:: What to do ::
Quote precisely the final stretch of the listing: start at the line containing "75.73, 0.0), z_axis=(0.0, 0.0, 1.0), x_axis=(0.0, -1.0, 0.0)))" and stop after the last line.

:: Data for this task ::
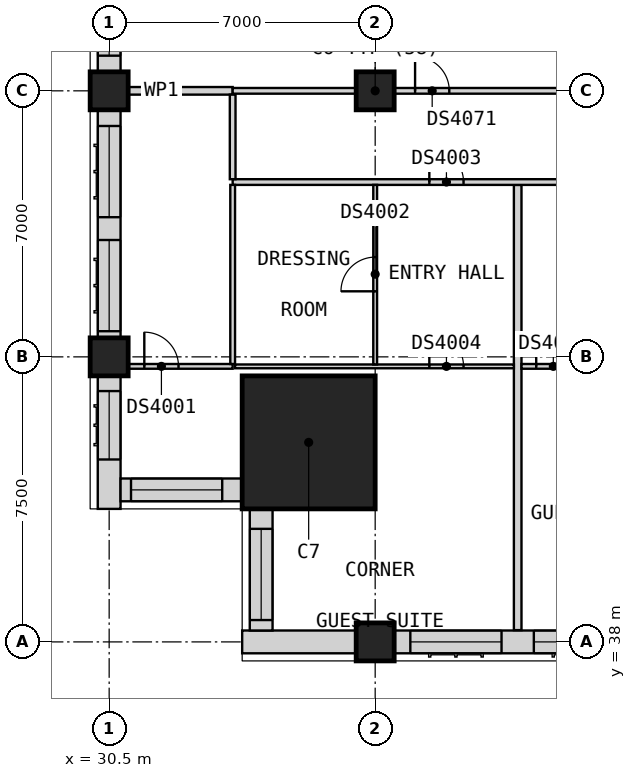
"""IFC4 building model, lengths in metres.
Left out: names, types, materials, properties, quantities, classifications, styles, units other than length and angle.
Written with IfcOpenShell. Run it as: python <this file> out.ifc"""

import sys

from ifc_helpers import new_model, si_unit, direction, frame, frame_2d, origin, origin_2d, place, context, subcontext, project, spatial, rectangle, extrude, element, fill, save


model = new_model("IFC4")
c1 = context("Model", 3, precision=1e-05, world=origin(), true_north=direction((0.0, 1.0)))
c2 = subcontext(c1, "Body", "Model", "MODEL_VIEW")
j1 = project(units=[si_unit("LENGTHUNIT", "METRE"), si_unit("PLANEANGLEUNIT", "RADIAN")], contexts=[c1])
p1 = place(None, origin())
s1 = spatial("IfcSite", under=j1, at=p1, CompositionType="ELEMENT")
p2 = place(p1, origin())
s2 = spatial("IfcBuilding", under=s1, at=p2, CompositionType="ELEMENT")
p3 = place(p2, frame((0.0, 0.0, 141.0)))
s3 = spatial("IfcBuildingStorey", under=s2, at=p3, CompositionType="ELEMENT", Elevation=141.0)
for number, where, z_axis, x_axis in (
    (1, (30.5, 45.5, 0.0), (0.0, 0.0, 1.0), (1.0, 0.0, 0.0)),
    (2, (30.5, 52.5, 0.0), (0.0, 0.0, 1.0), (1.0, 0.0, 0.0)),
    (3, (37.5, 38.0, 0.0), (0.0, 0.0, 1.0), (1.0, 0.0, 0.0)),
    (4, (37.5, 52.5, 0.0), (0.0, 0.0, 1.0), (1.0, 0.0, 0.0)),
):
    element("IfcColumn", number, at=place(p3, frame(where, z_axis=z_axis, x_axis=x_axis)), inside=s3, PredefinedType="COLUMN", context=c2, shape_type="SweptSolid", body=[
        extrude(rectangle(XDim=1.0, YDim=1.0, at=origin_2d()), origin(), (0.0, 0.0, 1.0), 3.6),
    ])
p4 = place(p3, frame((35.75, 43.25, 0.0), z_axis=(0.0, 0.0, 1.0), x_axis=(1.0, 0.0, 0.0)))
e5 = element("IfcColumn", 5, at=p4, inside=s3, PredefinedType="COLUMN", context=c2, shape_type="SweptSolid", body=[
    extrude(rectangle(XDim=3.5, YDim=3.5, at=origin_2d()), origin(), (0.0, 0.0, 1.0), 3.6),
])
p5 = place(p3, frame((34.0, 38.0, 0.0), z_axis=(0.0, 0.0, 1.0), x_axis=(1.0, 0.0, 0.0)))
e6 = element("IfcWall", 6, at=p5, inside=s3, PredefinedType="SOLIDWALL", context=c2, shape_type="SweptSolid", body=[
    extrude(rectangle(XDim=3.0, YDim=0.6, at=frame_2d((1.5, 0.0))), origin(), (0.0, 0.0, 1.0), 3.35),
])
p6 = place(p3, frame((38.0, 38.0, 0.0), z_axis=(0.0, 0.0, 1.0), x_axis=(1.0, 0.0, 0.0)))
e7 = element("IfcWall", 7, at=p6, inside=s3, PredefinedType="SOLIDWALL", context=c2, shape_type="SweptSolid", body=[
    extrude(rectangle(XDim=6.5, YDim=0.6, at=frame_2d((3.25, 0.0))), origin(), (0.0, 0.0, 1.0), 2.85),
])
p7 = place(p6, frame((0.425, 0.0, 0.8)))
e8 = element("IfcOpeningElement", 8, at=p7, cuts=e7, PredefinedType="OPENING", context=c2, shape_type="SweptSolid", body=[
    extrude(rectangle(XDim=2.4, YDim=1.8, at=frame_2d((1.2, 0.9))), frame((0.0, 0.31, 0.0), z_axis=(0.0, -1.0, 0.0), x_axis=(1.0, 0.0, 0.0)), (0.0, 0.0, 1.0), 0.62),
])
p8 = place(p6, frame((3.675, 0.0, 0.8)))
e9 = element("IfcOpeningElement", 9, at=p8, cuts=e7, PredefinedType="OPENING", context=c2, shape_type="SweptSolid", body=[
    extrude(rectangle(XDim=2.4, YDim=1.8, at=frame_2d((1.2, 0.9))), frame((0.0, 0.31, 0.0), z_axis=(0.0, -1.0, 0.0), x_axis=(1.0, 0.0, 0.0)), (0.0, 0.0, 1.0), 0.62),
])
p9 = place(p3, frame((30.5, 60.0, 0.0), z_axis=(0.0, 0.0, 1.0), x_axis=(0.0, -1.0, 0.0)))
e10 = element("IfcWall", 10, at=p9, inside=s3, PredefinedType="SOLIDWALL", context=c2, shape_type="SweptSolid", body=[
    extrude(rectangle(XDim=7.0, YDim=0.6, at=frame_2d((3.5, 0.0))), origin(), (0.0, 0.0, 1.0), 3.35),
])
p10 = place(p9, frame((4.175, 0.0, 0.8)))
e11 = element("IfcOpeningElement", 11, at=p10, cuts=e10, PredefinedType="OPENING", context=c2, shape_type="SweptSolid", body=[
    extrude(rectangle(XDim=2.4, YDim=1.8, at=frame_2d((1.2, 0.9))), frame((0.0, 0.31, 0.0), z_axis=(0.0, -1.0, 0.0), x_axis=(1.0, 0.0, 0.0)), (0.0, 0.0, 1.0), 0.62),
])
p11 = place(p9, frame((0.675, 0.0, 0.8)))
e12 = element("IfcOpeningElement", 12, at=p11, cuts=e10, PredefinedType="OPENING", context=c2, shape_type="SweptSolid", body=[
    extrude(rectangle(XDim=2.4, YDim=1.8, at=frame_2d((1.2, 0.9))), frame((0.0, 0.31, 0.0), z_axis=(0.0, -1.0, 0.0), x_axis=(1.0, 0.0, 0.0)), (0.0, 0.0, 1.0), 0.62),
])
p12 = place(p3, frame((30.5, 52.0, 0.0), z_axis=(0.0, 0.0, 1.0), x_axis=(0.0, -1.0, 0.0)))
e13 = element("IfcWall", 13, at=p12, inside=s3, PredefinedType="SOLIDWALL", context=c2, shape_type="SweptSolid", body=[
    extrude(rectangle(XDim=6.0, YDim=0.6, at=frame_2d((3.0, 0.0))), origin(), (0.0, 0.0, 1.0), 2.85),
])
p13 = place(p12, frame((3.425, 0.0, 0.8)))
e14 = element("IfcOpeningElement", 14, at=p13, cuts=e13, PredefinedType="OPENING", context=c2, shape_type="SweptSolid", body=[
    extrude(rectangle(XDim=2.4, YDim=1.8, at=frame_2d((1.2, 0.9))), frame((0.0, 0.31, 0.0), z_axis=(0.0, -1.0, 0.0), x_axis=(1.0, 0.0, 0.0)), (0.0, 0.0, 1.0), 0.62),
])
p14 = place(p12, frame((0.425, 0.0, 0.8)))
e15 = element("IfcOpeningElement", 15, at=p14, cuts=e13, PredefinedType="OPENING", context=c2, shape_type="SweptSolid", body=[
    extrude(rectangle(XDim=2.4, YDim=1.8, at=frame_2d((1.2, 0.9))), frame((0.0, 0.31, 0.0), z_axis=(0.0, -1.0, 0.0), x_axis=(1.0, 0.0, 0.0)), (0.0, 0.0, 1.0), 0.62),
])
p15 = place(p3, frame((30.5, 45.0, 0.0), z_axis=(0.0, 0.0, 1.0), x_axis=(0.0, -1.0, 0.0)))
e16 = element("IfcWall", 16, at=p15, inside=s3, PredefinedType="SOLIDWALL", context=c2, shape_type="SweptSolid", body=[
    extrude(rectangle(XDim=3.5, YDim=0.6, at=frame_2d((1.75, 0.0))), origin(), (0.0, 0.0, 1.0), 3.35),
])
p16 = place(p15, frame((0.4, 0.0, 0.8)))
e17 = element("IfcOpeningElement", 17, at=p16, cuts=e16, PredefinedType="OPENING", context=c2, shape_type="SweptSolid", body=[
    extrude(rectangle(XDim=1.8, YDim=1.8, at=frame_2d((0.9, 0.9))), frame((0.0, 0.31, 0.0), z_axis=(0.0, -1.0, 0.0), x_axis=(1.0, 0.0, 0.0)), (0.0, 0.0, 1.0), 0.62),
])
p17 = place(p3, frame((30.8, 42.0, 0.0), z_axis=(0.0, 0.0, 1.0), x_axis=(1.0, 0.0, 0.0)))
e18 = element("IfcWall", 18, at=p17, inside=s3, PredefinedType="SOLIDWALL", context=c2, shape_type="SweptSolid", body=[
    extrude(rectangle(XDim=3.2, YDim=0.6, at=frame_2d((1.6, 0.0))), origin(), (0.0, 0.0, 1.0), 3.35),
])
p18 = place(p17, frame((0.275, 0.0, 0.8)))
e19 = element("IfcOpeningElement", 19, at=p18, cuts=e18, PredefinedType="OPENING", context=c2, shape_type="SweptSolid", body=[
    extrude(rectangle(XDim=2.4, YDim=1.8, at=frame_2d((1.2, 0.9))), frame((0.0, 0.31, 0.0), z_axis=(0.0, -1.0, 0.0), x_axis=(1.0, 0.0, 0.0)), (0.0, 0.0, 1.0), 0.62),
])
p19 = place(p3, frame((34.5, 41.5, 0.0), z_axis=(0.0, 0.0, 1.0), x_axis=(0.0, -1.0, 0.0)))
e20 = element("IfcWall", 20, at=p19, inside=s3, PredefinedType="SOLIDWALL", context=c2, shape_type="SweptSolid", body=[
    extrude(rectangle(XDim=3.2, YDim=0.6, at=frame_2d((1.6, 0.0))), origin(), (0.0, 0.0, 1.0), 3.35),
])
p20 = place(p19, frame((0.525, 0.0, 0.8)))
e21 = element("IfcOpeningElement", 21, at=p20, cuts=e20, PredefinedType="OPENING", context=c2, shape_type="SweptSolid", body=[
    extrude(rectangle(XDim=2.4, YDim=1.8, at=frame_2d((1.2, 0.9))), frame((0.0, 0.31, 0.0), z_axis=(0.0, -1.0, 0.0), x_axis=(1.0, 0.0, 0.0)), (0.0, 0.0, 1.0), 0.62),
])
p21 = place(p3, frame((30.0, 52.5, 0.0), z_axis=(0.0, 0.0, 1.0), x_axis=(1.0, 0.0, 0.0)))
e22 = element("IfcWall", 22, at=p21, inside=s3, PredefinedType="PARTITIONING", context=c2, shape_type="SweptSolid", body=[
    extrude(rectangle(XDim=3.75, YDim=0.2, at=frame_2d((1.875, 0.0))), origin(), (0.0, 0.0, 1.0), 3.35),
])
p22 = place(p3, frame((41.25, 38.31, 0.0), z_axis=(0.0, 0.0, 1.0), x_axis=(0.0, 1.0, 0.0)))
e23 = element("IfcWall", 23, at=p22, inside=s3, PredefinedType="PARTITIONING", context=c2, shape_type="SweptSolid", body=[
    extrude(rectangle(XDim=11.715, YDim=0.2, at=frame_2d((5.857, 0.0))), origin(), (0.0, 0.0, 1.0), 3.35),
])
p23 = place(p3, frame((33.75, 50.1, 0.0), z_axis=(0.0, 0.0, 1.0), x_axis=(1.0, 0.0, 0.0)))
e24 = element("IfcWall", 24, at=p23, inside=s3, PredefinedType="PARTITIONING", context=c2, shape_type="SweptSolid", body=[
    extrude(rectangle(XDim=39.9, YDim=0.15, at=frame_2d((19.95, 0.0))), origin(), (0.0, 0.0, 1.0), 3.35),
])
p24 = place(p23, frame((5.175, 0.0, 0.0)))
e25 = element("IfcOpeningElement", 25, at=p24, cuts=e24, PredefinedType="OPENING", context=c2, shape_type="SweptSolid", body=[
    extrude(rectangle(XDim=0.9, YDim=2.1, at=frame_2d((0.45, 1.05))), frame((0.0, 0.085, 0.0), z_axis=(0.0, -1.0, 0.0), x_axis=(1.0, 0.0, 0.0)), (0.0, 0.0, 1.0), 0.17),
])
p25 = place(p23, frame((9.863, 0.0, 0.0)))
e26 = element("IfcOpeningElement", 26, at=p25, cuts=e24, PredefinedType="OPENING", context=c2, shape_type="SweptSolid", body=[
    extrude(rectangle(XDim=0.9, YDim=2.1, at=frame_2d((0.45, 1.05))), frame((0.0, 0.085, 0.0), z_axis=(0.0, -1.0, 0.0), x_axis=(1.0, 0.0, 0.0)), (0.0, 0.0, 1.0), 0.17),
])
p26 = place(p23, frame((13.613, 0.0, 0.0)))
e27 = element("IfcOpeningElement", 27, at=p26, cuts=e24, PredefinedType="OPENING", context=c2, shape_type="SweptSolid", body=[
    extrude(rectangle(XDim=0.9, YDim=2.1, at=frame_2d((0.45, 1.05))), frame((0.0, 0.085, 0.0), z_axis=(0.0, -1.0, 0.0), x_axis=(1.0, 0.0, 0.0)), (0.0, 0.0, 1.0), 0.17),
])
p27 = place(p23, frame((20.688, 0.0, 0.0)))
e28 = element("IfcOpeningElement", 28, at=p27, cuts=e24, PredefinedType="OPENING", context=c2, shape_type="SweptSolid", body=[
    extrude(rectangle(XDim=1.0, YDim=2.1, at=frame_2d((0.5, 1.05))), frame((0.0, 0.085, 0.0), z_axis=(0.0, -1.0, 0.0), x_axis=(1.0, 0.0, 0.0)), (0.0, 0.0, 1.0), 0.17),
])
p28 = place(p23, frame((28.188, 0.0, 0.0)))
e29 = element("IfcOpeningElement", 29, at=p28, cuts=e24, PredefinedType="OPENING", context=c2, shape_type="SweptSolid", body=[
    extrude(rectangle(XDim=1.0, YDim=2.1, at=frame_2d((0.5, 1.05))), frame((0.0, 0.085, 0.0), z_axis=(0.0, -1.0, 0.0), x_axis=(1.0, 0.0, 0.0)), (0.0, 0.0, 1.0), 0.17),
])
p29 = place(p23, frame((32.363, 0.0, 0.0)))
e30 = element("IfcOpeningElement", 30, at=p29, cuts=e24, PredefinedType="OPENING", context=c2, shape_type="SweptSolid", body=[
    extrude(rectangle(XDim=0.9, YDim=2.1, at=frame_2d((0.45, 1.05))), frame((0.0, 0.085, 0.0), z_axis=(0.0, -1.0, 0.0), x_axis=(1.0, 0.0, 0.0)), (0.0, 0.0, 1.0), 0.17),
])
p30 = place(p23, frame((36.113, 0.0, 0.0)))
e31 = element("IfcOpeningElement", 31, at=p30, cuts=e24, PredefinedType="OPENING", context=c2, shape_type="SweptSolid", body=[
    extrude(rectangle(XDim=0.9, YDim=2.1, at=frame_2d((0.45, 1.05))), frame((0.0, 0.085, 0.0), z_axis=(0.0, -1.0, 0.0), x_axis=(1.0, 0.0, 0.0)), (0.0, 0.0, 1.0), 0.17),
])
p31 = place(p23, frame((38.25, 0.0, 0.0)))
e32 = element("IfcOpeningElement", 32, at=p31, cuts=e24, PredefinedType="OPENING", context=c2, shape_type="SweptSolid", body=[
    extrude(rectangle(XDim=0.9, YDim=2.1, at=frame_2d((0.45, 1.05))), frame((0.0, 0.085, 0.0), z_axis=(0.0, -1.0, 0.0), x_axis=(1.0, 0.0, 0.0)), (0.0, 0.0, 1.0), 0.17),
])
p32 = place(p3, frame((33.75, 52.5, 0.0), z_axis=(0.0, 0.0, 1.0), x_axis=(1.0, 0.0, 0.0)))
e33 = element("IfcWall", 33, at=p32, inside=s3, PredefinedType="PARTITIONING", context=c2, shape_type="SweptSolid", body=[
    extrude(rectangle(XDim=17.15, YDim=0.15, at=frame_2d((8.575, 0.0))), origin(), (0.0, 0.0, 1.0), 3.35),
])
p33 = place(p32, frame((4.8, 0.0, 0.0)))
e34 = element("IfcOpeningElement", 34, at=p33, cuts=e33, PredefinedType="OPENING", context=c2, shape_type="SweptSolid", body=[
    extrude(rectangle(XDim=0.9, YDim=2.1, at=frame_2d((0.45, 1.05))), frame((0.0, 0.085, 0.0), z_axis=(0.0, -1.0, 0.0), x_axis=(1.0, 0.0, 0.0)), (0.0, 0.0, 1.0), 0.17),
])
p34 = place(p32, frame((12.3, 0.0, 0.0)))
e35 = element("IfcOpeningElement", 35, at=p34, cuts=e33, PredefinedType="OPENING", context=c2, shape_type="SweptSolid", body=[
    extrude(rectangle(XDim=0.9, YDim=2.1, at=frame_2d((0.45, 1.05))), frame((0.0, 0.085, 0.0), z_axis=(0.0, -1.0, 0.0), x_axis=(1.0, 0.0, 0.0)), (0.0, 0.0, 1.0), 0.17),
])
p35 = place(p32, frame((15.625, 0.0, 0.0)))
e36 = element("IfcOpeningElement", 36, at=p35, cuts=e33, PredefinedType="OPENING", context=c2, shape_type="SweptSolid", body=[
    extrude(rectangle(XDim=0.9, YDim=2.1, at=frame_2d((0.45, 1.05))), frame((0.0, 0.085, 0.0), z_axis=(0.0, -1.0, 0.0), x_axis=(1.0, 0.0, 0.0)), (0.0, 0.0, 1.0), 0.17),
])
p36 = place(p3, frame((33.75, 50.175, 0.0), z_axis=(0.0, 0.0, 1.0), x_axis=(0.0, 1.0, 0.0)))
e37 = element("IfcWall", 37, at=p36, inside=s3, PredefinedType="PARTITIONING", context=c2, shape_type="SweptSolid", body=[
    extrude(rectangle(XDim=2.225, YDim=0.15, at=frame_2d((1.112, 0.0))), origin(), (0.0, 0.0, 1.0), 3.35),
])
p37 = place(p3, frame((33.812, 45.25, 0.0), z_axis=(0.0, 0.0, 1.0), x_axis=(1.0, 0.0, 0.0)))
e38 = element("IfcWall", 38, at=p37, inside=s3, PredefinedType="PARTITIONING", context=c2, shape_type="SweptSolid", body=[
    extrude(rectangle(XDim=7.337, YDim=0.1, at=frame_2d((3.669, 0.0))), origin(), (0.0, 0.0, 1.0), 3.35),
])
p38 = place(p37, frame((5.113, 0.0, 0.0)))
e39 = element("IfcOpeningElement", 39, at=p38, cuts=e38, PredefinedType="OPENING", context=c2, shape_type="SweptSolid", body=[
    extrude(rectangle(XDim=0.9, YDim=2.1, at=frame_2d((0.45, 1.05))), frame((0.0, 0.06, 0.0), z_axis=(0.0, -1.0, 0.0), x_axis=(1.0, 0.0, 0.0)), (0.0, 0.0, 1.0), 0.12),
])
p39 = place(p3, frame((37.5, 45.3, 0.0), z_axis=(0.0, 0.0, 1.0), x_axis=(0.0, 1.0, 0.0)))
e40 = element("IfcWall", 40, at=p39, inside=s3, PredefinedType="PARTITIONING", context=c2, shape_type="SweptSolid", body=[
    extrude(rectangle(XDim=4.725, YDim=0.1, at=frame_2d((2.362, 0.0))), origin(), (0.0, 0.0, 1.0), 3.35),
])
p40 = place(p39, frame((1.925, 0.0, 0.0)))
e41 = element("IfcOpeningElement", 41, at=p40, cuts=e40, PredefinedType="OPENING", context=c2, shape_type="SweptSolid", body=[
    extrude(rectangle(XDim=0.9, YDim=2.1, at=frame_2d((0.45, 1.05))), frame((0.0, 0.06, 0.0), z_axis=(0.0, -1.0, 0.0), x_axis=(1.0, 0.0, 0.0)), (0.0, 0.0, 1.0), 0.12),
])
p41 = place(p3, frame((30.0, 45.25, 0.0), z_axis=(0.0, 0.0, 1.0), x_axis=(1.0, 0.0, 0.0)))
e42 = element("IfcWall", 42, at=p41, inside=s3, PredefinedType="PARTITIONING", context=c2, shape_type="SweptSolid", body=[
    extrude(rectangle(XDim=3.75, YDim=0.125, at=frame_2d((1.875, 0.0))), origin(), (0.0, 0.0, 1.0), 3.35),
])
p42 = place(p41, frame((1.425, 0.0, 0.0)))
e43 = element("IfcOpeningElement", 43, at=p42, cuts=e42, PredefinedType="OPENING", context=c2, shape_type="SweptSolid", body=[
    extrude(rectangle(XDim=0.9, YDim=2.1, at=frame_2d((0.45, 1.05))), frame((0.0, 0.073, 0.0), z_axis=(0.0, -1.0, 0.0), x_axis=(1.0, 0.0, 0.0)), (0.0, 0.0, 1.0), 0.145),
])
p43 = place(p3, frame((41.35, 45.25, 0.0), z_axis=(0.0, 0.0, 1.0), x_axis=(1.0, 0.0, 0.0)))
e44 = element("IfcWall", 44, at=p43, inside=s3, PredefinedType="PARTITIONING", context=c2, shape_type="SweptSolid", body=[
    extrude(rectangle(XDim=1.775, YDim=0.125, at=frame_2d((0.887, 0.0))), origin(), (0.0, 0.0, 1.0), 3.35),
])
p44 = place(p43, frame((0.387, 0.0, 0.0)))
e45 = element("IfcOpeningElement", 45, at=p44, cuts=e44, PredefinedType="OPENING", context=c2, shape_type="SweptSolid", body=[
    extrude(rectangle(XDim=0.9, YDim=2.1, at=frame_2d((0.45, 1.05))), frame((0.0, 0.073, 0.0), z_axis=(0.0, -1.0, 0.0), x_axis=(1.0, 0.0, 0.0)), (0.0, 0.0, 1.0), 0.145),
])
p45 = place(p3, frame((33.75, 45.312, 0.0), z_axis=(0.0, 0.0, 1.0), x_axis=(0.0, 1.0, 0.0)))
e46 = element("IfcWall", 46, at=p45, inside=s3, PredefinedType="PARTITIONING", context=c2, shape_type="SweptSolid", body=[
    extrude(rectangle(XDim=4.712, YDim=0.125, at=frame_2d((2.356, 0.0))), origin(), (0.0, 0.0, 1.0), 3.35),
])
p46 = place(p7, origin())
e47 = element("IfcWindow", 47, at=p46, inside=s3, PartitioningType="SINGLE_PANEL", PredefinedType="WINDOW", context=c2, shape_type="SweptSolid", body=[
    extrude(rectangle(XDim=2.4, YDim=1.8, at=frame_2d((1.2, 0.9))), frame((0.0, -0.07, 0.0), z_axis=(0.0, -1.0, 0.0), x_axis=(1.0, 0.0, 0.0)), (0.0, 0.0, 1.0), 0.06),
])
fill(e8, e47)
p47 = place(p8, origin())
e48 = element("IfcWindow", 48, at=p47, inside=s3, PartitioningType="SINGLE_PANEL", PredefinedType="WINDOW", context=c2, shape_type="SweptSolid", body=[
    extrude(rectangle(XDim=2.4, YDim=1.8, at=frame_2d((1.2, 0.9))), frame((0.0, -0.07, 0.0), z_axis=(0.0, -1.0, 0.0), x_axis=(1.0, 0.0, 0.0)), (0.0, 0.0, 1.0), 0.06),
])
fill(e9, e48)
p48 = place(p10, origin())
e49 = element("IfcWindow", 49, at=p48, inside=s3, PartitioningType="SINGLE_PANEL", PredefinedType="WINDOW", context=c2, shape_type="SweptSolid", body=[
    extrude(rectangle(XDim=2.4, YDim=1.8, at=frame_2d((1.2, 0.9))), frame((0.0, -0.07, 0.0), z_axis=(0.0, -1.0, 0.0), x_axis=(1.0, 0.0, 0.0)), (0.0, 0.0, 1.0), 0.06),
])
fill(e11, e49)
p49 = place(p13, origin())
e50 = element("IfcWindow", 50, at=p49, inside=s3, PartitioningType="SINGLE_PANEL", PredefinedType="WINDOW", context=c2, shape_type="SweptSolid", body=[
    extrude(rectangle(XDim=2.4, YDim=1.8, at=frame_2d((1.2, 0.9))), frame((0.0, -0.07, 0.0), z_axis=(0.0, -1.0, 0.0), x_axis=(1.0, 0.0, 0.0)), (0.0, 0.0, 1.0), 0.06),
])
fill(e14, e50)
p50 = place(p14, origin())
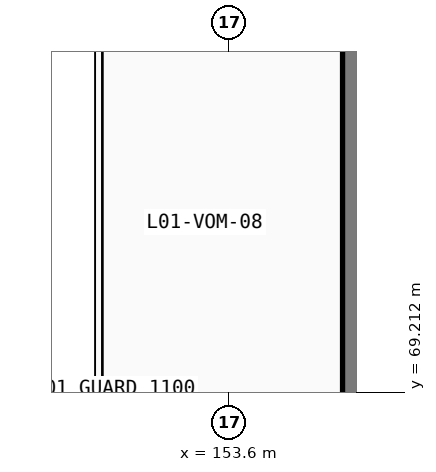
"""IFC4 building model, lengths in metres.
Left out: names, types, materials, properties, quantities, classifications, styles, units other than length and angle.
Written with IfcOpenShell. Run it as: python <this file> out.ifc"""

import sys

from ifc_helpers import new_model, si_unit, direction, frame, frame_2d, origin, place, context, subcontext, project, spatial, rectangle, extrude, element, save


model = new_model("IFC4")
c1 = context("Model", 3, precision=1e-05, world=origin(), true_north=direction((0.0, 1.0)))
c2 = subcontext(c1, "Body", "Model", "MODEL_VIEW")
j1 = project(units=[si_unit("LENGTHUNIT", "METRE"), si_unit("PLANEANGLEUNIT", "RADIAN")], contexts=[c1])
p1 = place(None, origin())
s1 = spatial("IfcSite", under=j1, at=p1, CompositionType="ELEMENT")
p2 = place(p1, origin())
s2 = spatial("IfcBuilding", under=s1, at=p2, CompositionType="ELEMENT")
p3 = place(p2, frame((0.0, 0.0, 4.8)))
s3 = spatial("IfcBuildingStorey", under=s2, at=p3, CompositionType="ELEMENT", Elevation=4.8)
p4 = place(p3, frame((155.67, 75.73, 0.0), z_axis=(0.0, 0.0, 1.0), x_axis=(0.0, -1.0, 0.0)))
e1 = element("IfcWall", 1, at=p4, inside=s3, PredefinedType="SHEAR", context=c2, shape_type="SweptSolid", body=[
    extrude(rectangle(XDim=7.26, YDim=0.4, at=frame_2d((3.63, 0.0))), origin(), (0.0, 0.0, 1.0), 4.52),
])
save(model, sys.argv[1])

:: Answer to this problem ::
p4 = place(p3, frame((155.67, 75.73, 0.0), z_axis=(0.0, 0.0, 1.0), x_axis=(0.0, -1.0, 0.0)))
e1 = element("IfcWall", 1, at=p4, inside=s3, PredefinedType="SHEAR", context=c2, shape_type="SweptSolid", body=[
    extrude(rectangle(XDim=7.26, YDim=0.4, at=frame_2d((3.63, 0.0))), origin(), (0.0, 0.0, 1.0), 4.52),
])
save(model, sys.argv[1])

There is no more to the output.